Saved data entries
---
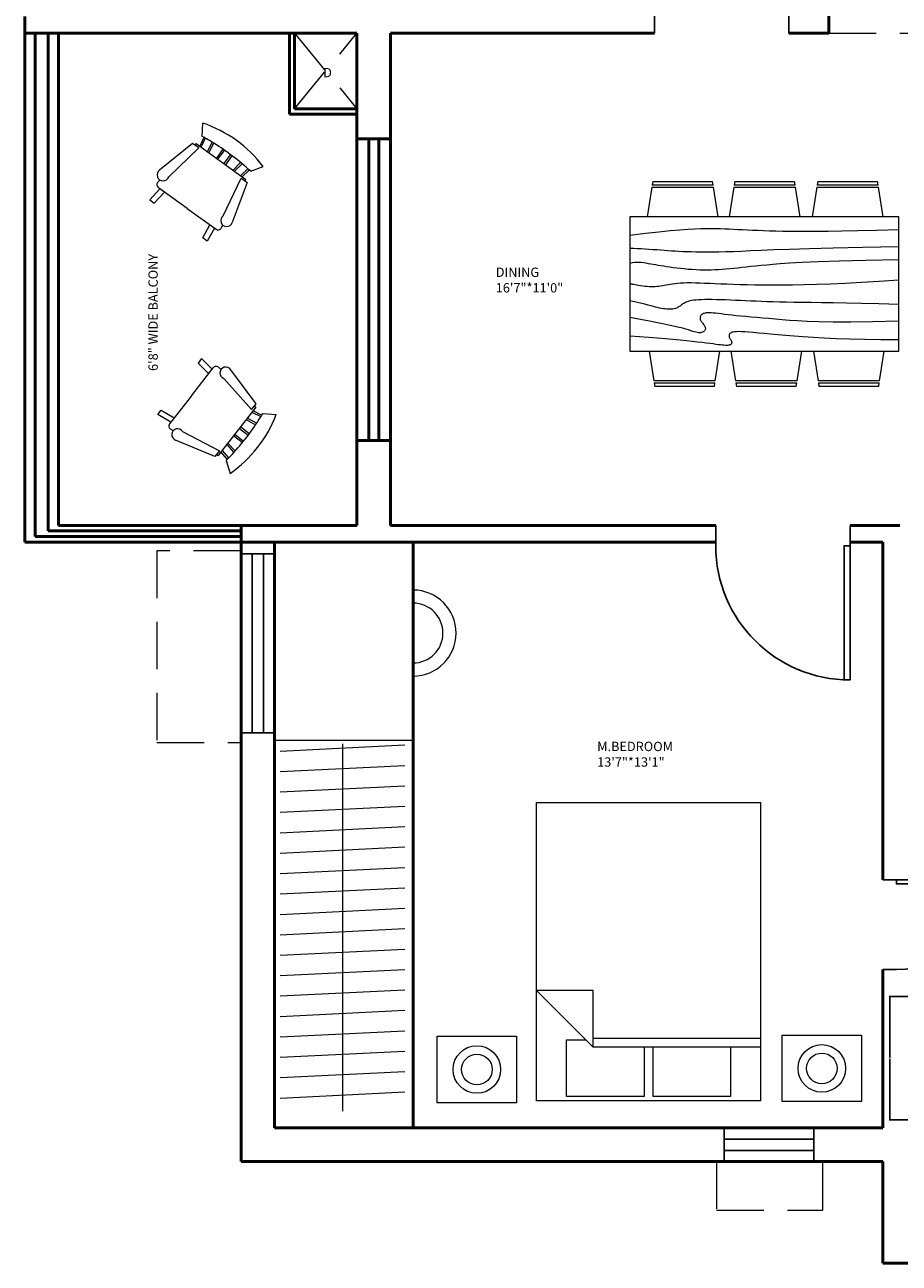
# Model space of a CAD drawing. Units: inches. Extents: x 4795 to 6024, y 2716 to 5025.
# Tile 9 of 19: x 4835 to 5069, y 3894 to 4226. Entities that reach past the tile are written whole.
import ezdxf

# ---------------------------------------------------------------- set-up
doc = ezdxf.new("R2010")
doc.units = ezdxf.units.IN
doc.linetypes.add('DASHED', pattern=[19.05, 12.7, -6.35])
for name, color, linetype, lineweight in [('A-ANNO-DIMS', 2, 'Continuous', 18), ('A-ANNO-TEXT', 7, 'Continuous', 18), ('A-AREA-IDEN', 3, 'Continuous', 18), ('A-DOOR', 4, 'Continuous', 25), ('A-FURN', 8, 'Continuous', 18), ('A-GLAZ', 4, 'Continuous', 25), ('A-WALL', 7, 'Continuous', 50), ('A-WALL-OVHD', 8, 'DASHED', 18)]:
    doc.layers.add(name, color=color, linetype=linetype, lineweight=lineweight)
doc.styles.get("Standard").update_dxf_attribs({"font": 'arial.ttf'})
doc.dimstyles.get("Standard").update_dxf_attribs({"dimtxt": 0.18, "dimasz": 0.18, "dimexe": 0.18, "dimexo": 0.0625, "dimgap": 0.09, "dimtad": 0, "dimtih": 1, "dimtoh": 1, "dimdec": 4, "dimzin": 0, "dimdsep": 46, "dimtxsty": 'Standard', "dimcen": 0.09, "dimadec": 0, "dimazin": 0, "dimtfac": 1, "dimtdec": 4, "dimtofl": 0, "dimtmove": 0, "dimatfit": 3, "dimfxl": 1, "dimtolj": 1, "dimtzin": 0, "dimarcsym": 0})

# ---------------------------------------------------------------- blocks, each defined once
blk = doc.blocks.new('*U2')
for p, q in [((0, 0), (0, -6)), ((40, 0), (40, -6))]:
    blk.add_line(p, q)
blk.add_lwpolyline([(0, 0), (0, 40), (1.75, 40), (1.75, 0)], close=True)
blk.add_arc((0, 0), 40, 0, 90)
blk = doc.blocks.new('Bed - Queen')
for p, q in [((0, -80.00003), (0, 0)), ((0, 0), (59.99999, 0)), ((59.99999, 0), (59.99999, -80.00003)), ((7.99999, -1.2), (28.79998, -1.2)), ((7.99999, -14.4), (7.99999, -1.2)), ((28.79998, -1.2), (28.79998, -14.4)), ((31.19999, -1.2), (51.99999, -1.2)), ((31.19999, -14.4), (31.19999, -1.2)), ((51.99999, -1.2), (51.99999, -16.4)), ((0, -14.4), (44.8, -14.4)), ((59.99999, -29.6), (44.8, -14.4)), ((44.8, -14.4), (44.8, -29.6)), ((51.99999, -16.4), (46.79936, -16.4)), ((44.8, -16.8), (0, -16.8)), ((44.8, -29.6), (59.99999, -29.6)), ((59.99999, -80.00003), (0, -80.00003))]:
    blk.add_line(p, q)
blk = doc.blocks.new('Chair - Rocking')
for p, q in [((-8, -4.5), (-10, -1.5)), ((8, -4.5), (10, -1.5)), ((-7.5, -4.5), (-7, -7)), ((-6.5, -7), (-7.02225, -4.43)), ((-4.5, -7), (-4.96674, -4.19951)), ((-4, -7), (-4.40532, -4.16272)), ((-1.5, -4.05012), (-1.5, -7)), ((-1, -7), (-1, -4.05012)), ((1, -7), (1, -4.04655)), ((1.5, -4.05012), (1.5, -7)), ((4, -7), (4.40187, -4.18694)), ((4.5, -7), (4.96761, -4.19437)), ((6.5, -7), (7, -4.4057)), ((7.5, -4.5), (7, -7)), ((-9, -7.5), (-12, -18.49999)), ((-7, -7.5), (-9, -7.5)), ((-9, -18.49999), (-7, -7.5)), ((-8.23428, -6.99939), (-8.3093, -7.47958)), ((-8.23041, -7), (8.23915, -7)), ((7, -7.5), (9, -7.5)), ((9, -18.49999), (7, -7.5)), ((8.31071, -7.48854), (8.23449, -7.00073)), ((9, -7.5), (12, -18.49999)), ((-10.36644, -20.64523), (-10.5, -21.49999)), ((-9, -22.49999), (-9.5, -26.49999)), ((0, -22.49999), (-9.5, -22.49999)), ((-8, -26.49999), (-7.5, -22.49999)), ((0, -22.49999), (9.5, -22.49999)), ((8, -26.49999), (7.5, -22.49999)), ((9, -22.49999), (9.5, -26.49999)), ((10.5, -21.49999), (10.3575, -20.58798)), ((-9.5, -26.49999), (-8, -26.49999)), ((9.5, -26.49999), (8, -26.49999))]:
    blk.add_line(p, q)
for centre, radius, start, end in [((0, -34.08333), 34.08333, 72.93847, 107.0615), ((0, -68.25004), 64.25, 93.92211, 97.15267), ((0, -68.25004), 64.25, 82.84733, 93.92211), ((-10.5, -18.99999), 1.58114, 161.5651, 18.43495), ((10.5, -18.99999), 1.58114, 161.5651, 18.43495), ((-9.5, -21.49999), 1, 180, 270), ((9.5, -21.49999), 1, 270, 0)]:
    blk.add_arc(centre, radius, start, end)
blk = doc.blocks.new('WIN-48')
for p, q in [((0, 0), (0, 48)), ((0, 48), (9, 48)), ((3, 0), (3, 48)), ((6, 48), (6, 0)), ((9, 48), (9, 0)), ((9, 0), (0, 0))]:
    blk.add_line(p, q)
blk = doc.blocks.new('WIN-24')
for p, q in [((0, 0), (0, 9)), ((0, 9), (24, 9)), ((24, 9), (24, 0)), ((0, 6), (24, 6)), ((24, 3), (0, 3)), ((24, 0), (0, 0))]:
    blk.add_line(p, q)
blk = doc.blocks.new('CHAIR-DINING')
for p, q in [((8, 17.72), (0, 18.97)), ((8, 17.71), (8, 1.25)), ((9.5, 17.48), (8.5, 17.64)), ((8.5, 1.33), (8.5, 17.64)), ((9.5, 17.48), (9.5, 1.48)), ((0, 0), (8, 1.25)), ((8.5, 1.33), (9.5, 1.48))]:
    blk.add_line(p, q)
blk = doc.blocks.new('*D27')
at = {"layer": 'A-ANNO-DIMS', "color": 0, "lineweight": -2, "transparency": 16777216}
for p, q in [((5071.7, 3965.06), (5066.63, 3965.06)), ((5066.81, 3964.88), (5066.81, 3948.72)), ((5066.81, 3932.19), (5066.81, 3948.35)), ((5071.7, 3932.01), (5066.63, 3932.01))]:
    blk.add_line(p, q, dxfattribs=at)
at = {"layer": 'A-ANNO-DIMS', "color": 0, "lineweight": 100, "transparency": 16777216}
for points in [[(5066.78, 3964.88), (5066.84, 3964.88), (5066.81, 3965.06)], [(5066.78, 3932.19), (5066.84, 3932.19), (5066.81, 3932.01)]]:
    blk.add_solid(points, dxfattribs=at)
at = {"layer": 'DEFPOINTS', "color": 0, "lineweight": 100, "transparency": 16777216}
for p in [(5071.76, 3965.06), (5066.81, 3932.01), (5071.76, 3932.01)]:
    blk.add_point(p, dxfattribs=at)
at = {"layer": 'A-ANNO-DIMS', "color": 0, "transparency": 16777216, "insert": (5066.81, 3948.53), "char_height": 0.18, "attachment_point": 5}
blk.add_mtext('\\A1;WC 33 TYP.', dxfattribs=at)

msp = doc.modelspace()

# ---------------------------------------------------------------- linework, layer by layer
at = {"layer": 'A-FURN'}
for p, q in [((5069.18, 4174.06), (4997.18, 4174.06)), ((4997.18, 4174.06), (4997.18, 4138.06)), ((5069.18, 4138.06), (5069.18, 4174.06)), ((4997.18, 4138.06), (5069.18, 4138.06)), ((4901.97, 4033.76), (4939.06, 4033.76)), ((4903.42, 4030.84), (4936.83, 4032.49)), ((4920.12, 4032.78), (4920.12, 3934.27)), ((4936.83, 4032.49), (4936.83, 4032.49)), ((4903.42, 4025.37), (4936.83, 4027.02)), ((4903.42, 4019.9), (4936.83, 4021.55)), ((4903.42, 4014.43), (4936.83, 4016.08)), ((4903.42, 4008.96), (4936.83, 4010.61)), ((4903.42, 4003.49), (4936.83, 4005.14)), ((4903.42, 3998.01), (4936.83, 3999.66)), ((4903.42, 3992.54), (4936.83, 3994.19)), ((4903.42, 3987.07), (4936.83, 3988.72)), ((4903.42, 3981.6), (4936.83, 3983.25)), ((4903.42, 3976.13), (4936.83, 3977.78)), ((4903.42, 3970.66), (4936.83, 3972.31)), ((4903.42, 3965.19), (4936.83, 3966.84)), ((4903.42, 3959.72), (4936.83, 3961.37)), ((4903.42, 3954.25), (4936.83, 3955.89)), ((4903.42, 3948.77), (4936.83, 3950.42)), ((4903.42, 3943.3), (4936.83, 3944.95)), ((4903.42, 3937.83), (4936.83, 3939.48))]:
    msp.add_line(p, q, dxfattribs=at)
for points in [[(5069.18, 4170.56), (5063.27, 4170.39), (5058.22, 4170.27), (5053.92, 4170.18), (5050.26, 4170.13), (5047.15, 4170.1), (5044.49, 4170.1), (5042.16, 4170.11), (5040.06, 4170.14), (5038.11, 4170.17), (5036.27, 4170.22), (5034.56, 4170.26), (5032.94, 4170.32), (5031.42, 4170.37), (5029.99, 4170.43), (5028.63, 4170.49), (5027.35, 4170.56), (5026.13, 4170.62), (5024.95, 4170.68), (5023.79, 4170.73), (5022.64, 4170.78), (5021.47, 4170.82), (5020.26, 4170.84), (5018.99, 4170.85), (5017.64, 4170.85), (5016.19, 4170.82), (5014.57, 4170.76), (5012.7, 4170.66), (5010.52, 4170.5), (5007.95, 4170.27), (5004.92, 4169.96), (5001.36, 4169.56), (4997.18, 4169.06)], [(5069.18, 4166.06), (5059.59, 4165.87), (5051.65, 4165.69), (5045.17, 4165.51), (5039.92, 4165.34), (5035.71, 4165.18), (5032.31, 4165.04), (5029.51, 4164.91), (5027.1, 4164.81), (5024.91, 4164.72), (5022.88, 4164.66), (5021.01, 4164.62), (5019.29, 4164.6), (5017.7, 4164.59), (5016.23, 4164.6), (5014.86, 4164.61), (5013.6, 4164.64), (5012.42, 4164.67), (5011.32, 4164.72), (5010.27, 4164.77), (5009.26, 4164.82), (5008.28, 4164.88), (5007.31, 4164.95), (5006.34, 4165.02), (5005.35, 4165.1), (5004.34, 4165.18), (5003.3, 4165.26), (5002.25, 4165.33), (5001.21, 4165.41), (5000.16, 4165.47), (4999.14, 4165.51), (4998.14, 4165.55), (4997.18, 4165.56)], [(5069.18, 4162.56), (5060.37, 4162.37), (5053.27, 4162.18), (5047.65, 4162), (5043.29, 4161.82), (5039.96, 4161.64), (5037.42, 4161.47), (5035.45, 4161.3), (5033.81, 4161.14), (5032.31, 4160.99), (5030.91, 4160.84), (5029.6, 4160.71), (5028.36, 4160.58), (5027.18, 4160.46), (5026.06, 4160.34), (5024.98, 4160.24), (5023.93, 4160.14), (5022.91, 4160.05), (5021.91, 4159.97), (5020.92, 4159.9), (5019.93, 4159.85), (5018.95, 4159.81), (5017.96, 4159.79), (5016.95, 4159.79), (5015.93, 4159.81), (5014.89, 4159.85), (5013.84, 4159.91), (5012.78, 4159.99), (5011.74, 4160.09), (5010.71, 4160.19), (5009.71, 4160.31), (5008.76, 4160.43), (5007.85, 4160.56), (5007.01, 4160.68), (5006.21, 4160.81), (5005.47, 4160.93), (5004.76, 4161.05), (5004.08, 4161.17), (5003.43, 4161.29), (5002.78, 4161.4), (5002.14, 4161.51), (5001.5, 4161.62), (5000.86, 4161.71), (5000.22, 4161.79), (4999.59, 4161.83), (4998.96, 4161.84), (4998.35, 4161.8), (4997.76, 4161.71), (4997.18, 4161.56)], [(5069.18, 4157.06), (5063.98, 4156.72), (5059.2, 4156.44), (5054.84, 4156.22), (5050.84, 4156.05), (5047.18, 4155.93), (5043.84, 4155.84), (5040.76, 4155.79), (5037.93, 4155.76), (5035.32, 4155.76), (5032.9, 4155.77), (5030.65, 4155.79), (5028.57, 4155.83), (5026.63, 4155.88), (5024.82, 4155.93), (5023.12, 4155.99), (5021.52, 4156.06), (5019.99, 4156.12), (5018.55, 4156.18), (5017.19, 4156.23), (5015.9, 4156.28), (5014.7, 4156.31), (5013.58, 4156.33), (5012.55, 4156.33), (5011.6, 4156.31), (5010.74, 4156.26), (5009.95, 4156.2), (5009.23, 4156.12), (5008.57, 4156.04), (5007.96, 4155.94), (5007.39, 4155.84), (5006.86, 4155.74), (5006.35, 4155.64), (5005.86, 4155.55), (5005.37, 4155.47), (5004.89, 4155.4), (5004.41, 4155.35), (5003.92, 4155.31), (5003.42, 4155.29), (5002.9, 4155.29), (5002.35, 4155.31), (5001.78, 4155.35), (5001.18, 4155.41), (5000.6, 4155.48), (5000.02, 4155.57), (4999.48, 4155.65), (4998.99, 4155.74), (4998.57, 4155.82), (4998.23, 4155.89), (4997.97, 4155.94), (4997.8, 4155.99), (4997.68, 4156.02), (4997.6, 4156.04), (4997.52, 4156.05), (4997.45, 4156.05), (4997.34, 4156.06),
---
> [EXERCISE INSTRUCTIONS] Starting at the line above that contains "blk = doc.blocks.new('Chair - Rocking')", write out each line exactly until the line that contains "blk = doc.blocks.new('*D27')" has been written, and stop there.

> [SOLUTION FOR THIS PROBLEM]
blk = doc.blocks.new('Chair - Rocking')
for p, q in [((-8, -4.5), (-10, -1.5)), ((8, -4.5), (10, -1.5)), ((-7.5, -4.5), (-7, -7)), ((-6.5, -7), (-7.02225, -4.43)), ((-4.5, -7), (-4.96674, -4.19951)), ((-4, -7), (-4.40532, -4.16272)), ((-1.5, -4.05012), (-1.5, -7)), ((-1, -7), (-1, -4.05012)), ((1, -7), (1, -4.04655)), ((1.5, -4.05012), (1.5, -7)), ((4, -7), (4.40187, -4.18694)), ((4.5, -7), (4.96761, -4.19437)), ((6.5, -7), (7, -4.4057)), ((7.5, -4.5), (7, -7)), ((-9, -7.5), (-12, -18.49999)), ((-7, -7.5), (-9, -7.5)), ((-9, -18.49999), (-7, -7.5)), ((-8.23428, -6.99939), (-8.3093, -7.47958)), ((-8.23041, -7), (8.23915, -7)), ((7, -7.5), (9, -7.5)), ((9, -18.49999), (7, -7.5)), ((8.31071, -7.48854), (8.23449, -7.00073)), ((9, -7.5), (12, -18.49999)), ((-10.36644, -20.64523), (-10.5, -21.49999)), ((-9, -22.49999), (-9.5, -26.49999)), ((0, -22.49999), (-9.5, -22.49999)), ((-8, -26.49999), (-7.5, -22.49999)), ((0, -22.49999), (9.5, -22.49999)), ((8, -26.49999), (7.5, -22.49999)), ((9, -22.49999), (9.5, -26.49999)), ((10.5, -21.49999), (10.3575, -20.58798)), ((-9.5, -26.49999), (-8, -26.49999)), ((9.5, -26.49999), (8, -26.49999))]:
    blk.add_line(p, q)
for centre, radius, start, end in [((0, -34.08333), 34.08333, 72.93847, 107.0615), ((0, -68.25004), 64.25, 93.92211, 97.15267), ((0, -68.25004), 64.25, 82.84733, 93.92211), ((-10.5, -18.99999), 1.58114, 161.5651, 18.43495), ((10.5, -18.99999), 1.58114, 161.5651, 18.43495), ((-9.5, -21.49999), 1, 180, 270), ((9.5, -21.49999), 1, 270, 0)]:
    blk.add_arc(centre, radius, start, end)
blk = doc.blocks.new('WIN-48')
for p, q in [((0, 0), (0, 48)), ((0, 48), (9, 48)), ((3, 0), (3, 48)), ((6, 48), (6, 0)), ((9, 48), (9, 0)), ((9, 0), (0, 0))]:
    blk.add_line(p, q)
blk = doc.blocks.new('WIN-24')
for p, q in [((0, 0), (0, 9)), ((0, 9), (24, 9)), ((24, 9), (24, 0)), ((0, 6), (24, 6)), ((24, 3), (0, 3)), ((24, 0), (0, 0))]:
    blk.add_line(p, q)
blk = doc.blocks.new('CHAIR-DINING')
for p, q in [((8, 17.72), (0, 18.97)), ((8, 17.71), (8, 1.25)), ((9.5, 17.48), (8.5, 17.64)), ((8.5, 1.33), (8.5, 17.64)), ((9.5, 17.48), (9.5, 1.48)), ((0, 0), (8, 1.25)), ((8.5, 1.33), (9.5, 1.48))]:
    blk.add_line(p, q)
blk = doc.blocks.new('*D27')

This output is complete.